*** Opening of DATA LISTING ***
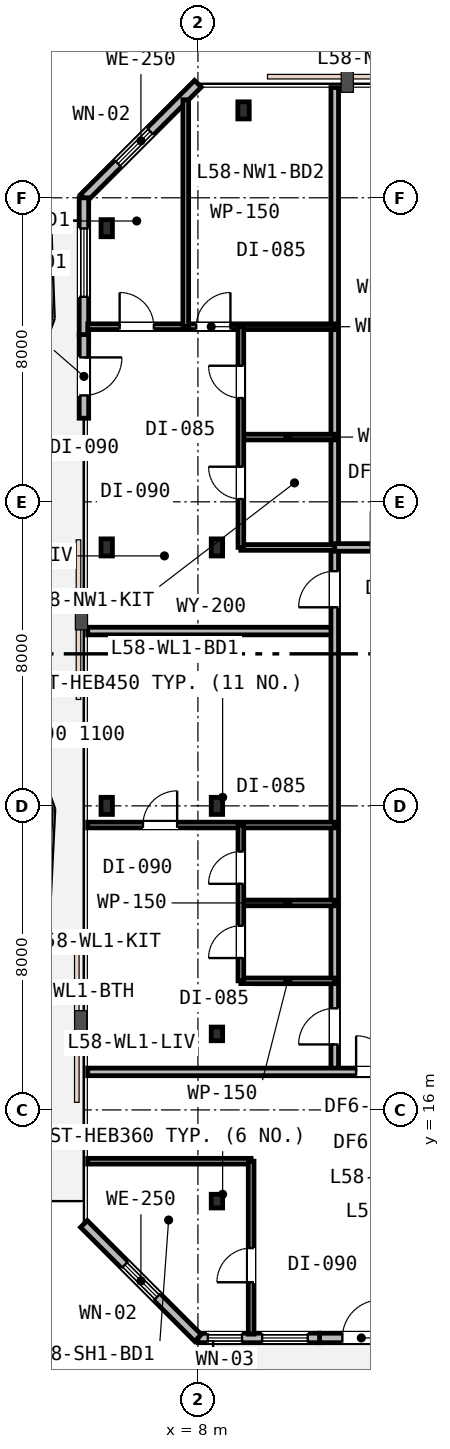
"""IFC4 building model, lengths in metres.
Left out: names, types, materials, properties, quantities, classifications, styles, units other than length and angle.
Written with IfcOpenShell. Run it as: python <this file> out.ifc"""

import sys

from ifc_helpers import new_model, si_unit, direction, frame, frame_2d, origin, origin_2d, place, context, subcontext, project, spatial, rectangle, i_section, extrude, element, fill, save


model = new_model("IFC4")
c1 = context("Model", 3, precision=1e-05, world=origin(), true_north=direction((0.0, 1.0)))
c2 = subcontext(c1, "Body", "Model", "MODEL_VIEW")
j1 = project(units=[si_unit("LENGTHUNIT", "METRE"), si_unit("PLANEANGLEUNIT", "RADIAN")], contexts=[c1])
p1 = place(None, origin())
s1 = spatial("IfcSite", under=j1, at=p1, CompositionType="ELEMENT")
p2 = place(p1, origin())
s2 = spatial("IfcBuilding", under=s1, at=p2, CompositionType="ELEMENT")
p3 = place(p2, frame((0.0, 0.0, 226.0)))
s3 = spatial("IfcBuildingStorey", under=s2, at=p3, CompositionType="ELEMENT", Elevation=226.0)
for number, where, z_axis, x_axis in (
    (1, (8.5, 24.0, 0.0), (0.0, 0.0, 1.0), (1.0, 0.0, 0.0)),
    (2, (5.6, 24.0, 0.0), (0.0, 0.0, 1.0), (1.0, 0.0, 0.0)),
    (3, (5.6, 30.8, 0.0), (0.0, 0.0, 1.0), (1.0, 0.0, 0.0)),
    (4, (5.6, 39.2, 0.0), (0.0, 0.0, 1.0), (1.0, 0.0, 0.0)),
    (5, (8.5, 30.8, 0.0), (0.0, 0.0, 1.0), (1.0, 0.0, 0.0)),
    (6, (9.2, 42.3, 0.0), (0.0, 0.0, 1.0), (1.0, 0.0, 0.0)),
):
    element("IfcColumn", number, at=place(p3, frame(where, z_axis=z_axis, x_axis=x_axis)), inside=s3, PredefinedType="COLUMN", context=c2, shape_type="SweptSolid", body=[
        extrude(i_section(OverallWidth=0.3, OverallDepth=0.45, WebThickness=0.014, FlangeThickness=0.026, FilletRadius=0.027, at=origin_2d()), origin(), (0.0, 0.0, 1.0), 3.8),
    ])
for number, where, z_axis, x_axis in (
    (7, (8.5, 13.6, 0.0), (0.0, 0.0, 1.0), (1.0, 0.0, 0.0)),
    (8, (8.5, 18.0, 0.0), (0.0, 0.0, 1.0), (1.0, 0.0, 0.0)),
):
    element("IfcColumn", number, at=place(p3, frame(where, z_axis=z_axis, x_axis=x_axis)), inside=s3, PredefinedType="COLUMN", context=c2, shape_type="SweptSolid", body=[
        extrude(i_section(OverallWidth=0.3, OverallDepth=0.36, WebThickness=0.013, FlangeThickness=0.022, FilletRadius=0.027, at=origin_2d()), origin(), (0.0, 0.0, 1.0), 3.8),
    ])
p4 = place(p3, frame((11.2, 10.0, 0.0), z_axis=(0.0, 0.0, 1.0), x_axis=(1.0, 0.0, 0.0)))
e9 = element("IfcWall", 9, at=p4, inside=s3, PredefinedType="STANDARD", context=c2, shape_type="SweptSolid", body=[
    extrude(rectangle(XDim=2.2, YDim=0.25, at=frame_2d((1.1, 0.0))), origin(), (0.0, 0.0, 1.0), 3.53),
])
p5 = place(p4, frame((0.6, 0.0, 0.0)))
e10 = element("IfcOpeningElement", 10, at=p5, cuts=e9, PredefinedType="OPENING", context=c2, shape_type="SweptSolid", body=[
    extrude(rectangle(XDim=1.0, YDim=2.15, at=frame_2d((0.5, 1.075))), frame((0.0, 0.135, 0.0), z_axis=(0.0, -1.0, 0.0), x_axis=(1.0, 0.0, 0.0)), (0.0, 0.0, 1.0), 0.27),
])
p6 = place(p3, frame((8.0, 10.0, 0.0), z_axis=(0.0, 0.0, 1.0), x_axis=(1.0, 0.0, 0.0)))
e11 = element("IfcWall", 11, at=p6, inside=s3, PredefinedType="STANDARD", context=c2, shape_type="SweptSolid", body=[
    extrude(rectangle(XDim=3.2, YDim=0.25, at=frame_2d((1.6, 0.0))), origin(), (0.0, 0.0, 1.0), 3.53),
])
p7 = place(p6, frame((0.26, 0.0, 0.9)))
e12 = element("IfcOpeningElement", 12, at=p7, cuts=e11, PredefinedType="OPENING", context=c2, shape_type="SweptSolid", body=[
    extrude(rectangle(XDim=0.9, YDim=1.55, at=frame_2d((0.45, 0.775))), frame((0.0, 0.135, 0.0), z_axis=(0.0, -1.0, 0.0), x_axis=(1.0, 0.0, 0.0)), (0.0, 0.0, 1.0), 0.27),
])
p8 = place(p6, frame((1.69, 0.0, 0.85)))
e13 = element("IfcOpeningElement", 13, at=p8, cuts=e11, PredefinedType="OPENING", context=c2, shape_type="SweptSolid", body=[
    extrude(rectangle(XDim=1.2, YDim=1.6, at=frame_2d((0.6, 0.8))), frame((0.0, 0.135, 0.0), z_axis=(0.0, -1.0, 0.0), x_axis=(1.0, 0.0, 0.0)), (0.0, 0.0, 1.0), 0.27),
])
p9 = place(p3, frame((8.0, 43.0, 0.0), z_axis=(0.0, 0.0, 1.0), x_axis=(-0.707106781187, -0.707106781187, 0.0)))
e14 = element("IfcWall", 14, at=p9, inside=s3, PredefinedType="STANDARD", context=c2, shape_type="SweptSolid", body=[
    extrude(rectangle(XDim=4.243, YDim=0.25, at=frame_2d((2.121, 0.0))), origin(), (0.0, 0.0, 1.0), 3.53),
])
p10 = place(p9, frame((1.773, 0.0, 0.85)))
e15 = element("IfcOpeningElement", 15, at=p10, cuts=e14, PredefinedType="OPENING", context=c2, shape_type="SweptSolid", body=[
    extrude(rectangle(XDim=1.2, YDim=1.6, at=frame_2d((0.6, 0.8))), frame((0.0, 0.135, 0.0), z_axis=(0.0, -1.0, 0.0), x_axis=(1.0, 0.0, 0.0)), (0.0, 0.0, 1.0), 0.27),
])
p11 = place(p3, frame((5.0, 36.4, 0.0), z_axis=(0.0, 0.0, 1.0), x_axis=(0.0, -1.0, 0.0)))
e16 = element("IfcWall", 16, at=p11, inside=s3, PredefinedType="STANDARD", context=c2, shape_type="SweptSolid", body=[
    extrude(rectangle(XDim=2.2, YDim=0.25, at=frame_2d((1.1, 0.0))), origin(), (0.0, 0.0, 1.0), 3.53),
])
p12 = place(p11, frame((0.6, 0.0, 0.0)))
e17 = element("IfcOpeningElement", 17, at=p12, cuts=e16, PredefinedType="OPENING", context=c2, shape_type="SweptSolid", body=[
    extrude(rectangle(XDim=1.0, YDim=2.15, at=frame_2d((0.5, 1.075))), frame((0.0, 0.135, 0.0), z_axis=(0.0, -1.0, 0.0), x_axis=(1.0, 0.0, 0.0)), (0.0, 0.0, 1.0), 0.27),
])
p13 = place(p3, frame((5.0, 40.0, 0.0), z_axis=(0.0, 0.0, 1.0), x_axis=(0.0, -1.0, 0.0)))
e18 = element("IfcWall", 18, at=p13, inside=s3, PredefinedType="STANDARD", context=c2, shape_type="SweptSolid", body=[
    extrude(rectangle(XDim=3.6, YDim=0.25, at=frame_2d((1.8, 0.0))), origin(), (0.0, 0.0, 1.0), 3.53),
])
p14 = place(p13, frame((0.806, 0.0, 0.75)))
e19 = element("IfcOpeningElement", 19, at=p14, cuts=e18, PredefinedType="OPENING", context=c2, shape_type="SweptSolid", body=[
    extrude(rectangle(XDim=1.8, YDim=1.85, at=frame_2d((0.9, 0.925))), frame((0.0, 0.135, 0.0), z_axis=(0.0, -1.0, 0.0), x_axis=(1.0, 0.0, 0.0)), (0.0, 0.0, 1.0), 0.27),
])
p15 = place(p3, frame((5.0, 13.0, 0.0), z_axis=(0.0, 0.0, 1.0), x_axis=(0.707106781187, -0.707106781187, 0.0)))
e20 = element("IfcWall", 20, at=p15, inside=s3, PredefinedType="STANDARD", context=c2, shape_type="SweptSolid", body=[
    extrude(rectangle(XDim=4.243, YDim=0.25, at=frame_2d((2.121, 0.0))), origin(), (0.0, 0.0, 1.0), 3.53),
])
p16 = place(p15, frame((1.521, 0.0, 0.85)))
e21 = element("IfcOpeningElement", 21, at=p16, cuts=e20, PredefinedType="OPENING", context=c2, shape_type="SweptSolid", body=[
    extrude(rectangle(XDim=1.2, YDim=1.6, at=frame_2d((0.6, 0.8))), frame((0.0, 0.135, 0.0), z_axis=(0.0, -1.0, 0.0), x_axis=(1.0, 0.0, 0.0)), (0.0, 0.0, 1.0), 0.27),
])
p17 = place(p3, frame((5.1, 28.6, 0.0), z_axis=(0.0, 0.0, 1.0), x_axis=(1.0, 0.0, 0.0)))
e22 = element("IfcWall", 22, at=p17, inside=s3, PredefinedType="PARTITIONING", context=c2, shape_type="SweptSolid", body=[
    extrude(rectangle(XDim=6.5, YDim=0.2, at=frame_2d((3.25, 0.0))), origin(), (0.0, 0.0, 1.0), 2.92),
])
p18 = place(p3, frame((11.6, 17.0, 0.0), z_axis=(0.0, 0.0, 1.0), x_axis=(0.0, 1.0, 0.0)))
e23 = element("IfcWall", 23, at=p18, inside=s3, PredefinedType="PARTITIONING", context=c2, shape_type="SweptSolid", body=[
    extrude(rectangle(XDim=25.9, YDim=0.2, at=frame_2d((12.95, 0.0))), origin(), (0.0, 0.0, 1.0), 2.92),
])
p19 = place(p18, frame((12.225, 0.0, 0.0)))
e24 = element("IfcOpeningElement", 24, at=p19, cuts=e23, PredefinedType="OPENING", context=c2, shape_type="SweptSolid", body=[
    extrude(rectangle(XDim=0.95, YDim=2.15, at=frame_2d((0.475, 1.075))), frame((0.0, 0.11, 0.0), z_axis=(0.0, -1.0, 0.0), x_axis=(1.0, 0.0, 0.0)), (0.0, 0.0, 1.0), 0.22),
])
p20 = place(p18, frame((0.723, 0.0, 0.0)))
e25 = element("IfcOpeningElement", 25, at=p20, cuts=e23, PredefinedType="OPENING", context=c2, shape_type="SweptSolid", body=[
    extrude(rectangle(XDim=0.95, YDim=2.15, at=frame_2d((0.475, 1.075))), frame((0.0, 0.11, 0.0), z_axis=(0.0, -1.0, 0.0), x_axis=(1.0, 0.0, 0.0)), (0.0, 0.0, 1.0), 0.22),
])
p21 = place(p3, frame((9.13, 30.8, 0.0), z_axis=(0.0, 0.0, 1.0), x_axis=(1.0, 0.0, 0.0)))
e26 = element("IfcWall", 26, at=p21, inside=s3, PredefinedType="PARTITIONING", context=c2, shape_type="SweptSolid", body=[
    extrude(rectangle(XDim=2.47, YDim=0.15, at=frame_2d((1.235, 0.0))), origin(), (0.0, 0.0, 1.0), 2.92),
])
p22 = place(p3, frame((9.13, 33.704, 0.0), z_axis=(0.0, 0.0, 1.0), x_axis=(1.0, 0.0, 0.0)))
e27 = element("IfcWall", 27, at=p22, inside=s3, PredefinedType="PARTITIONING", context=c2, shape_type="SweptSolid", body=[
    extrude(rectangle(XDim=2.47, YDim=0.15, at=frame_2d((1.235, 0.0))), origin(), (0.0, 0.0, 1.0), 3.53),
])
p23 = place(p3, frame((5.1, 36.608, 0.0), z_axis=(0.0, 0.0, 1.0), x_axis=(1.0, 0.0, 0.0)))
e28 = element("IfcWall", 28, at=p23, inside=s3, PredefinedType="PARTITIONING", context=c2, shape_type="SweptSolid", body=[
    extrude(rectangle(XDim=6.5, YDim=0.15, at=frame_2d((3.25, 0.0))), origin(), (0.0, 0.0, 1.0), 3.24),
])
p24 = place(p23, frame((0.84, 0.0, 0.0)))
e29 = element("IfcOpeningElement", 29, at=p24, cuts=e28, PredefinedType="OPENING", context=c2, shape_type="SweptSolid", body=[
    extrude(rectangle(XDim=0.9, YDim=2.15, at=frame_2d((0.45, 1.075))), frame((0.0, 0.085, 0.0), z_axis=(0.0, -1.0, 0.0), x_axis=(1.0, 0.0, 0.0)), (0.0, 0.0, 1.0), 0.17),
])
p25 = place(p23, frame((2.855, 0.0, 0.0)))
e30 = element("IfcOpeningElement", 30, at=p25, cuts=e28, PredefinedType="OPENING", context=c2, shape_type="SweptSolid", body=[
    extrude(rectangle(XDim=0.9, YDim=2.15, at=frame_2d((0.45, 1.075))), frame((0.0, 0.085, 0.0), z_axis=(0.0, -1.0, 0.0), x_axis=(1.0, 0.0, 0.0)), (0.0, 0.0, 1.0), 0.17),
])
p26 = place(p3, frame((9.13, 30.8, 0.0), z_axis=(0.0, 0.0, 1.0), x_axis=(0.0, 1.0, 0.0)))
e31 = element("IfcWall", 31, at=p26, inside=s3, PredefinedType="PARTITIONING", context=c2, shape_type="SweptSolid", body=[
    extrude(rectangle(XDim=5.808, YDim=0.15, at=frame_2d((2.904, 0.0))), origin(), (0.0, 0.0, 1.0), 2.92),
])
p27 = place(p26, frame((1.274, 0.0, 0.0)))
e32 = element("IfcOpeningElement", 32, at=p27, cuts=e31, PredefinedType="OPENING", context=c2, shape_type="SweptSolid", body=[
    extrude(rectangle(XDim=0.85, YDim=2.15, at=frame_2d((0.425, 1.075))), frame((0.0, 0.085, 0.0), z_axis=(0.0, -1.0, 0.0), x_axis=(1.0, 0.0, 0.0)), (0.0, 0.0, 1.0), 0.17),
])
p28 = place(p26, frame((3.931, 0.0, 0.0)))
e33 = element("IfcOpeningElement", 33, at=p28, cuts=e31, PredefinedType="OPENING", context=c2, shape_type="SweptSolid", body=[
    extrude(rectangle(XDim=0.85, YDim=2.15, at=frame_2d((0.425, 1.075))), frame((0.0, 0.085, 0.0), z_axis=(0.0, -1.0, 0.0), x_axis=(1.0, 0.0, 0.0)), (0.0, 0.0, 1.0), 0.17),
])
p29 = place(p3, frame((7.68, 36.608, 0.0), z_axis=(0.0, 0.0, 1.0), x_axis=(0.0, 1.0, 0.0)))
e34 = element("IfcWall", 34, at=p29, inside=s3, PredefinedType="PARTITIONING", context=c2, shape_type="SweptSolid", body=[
*** Close of DATA LISTING ***
REQUIRED WORK: For every line above that includes the string "FilletRadius", copy the line.

REPLY:
        extrude(i_section(OverallWidth=0.3, OverallDepth=0.45, WebThickness=0.014, FlangeThickness=0.026, FilletRadius=0.027, at=origin_2d()), origin(), (0.0, 0.0, 1.0), 3.8),
        extrude(i_section(OverallWidth=0.3, OverallDepth=0.36, WebThickness=0.013, FlangeThickness=0.022, FilletRadius=0.027, at=origin_2d()), origin(), (0.0, 0.0, 1.0), 3.8),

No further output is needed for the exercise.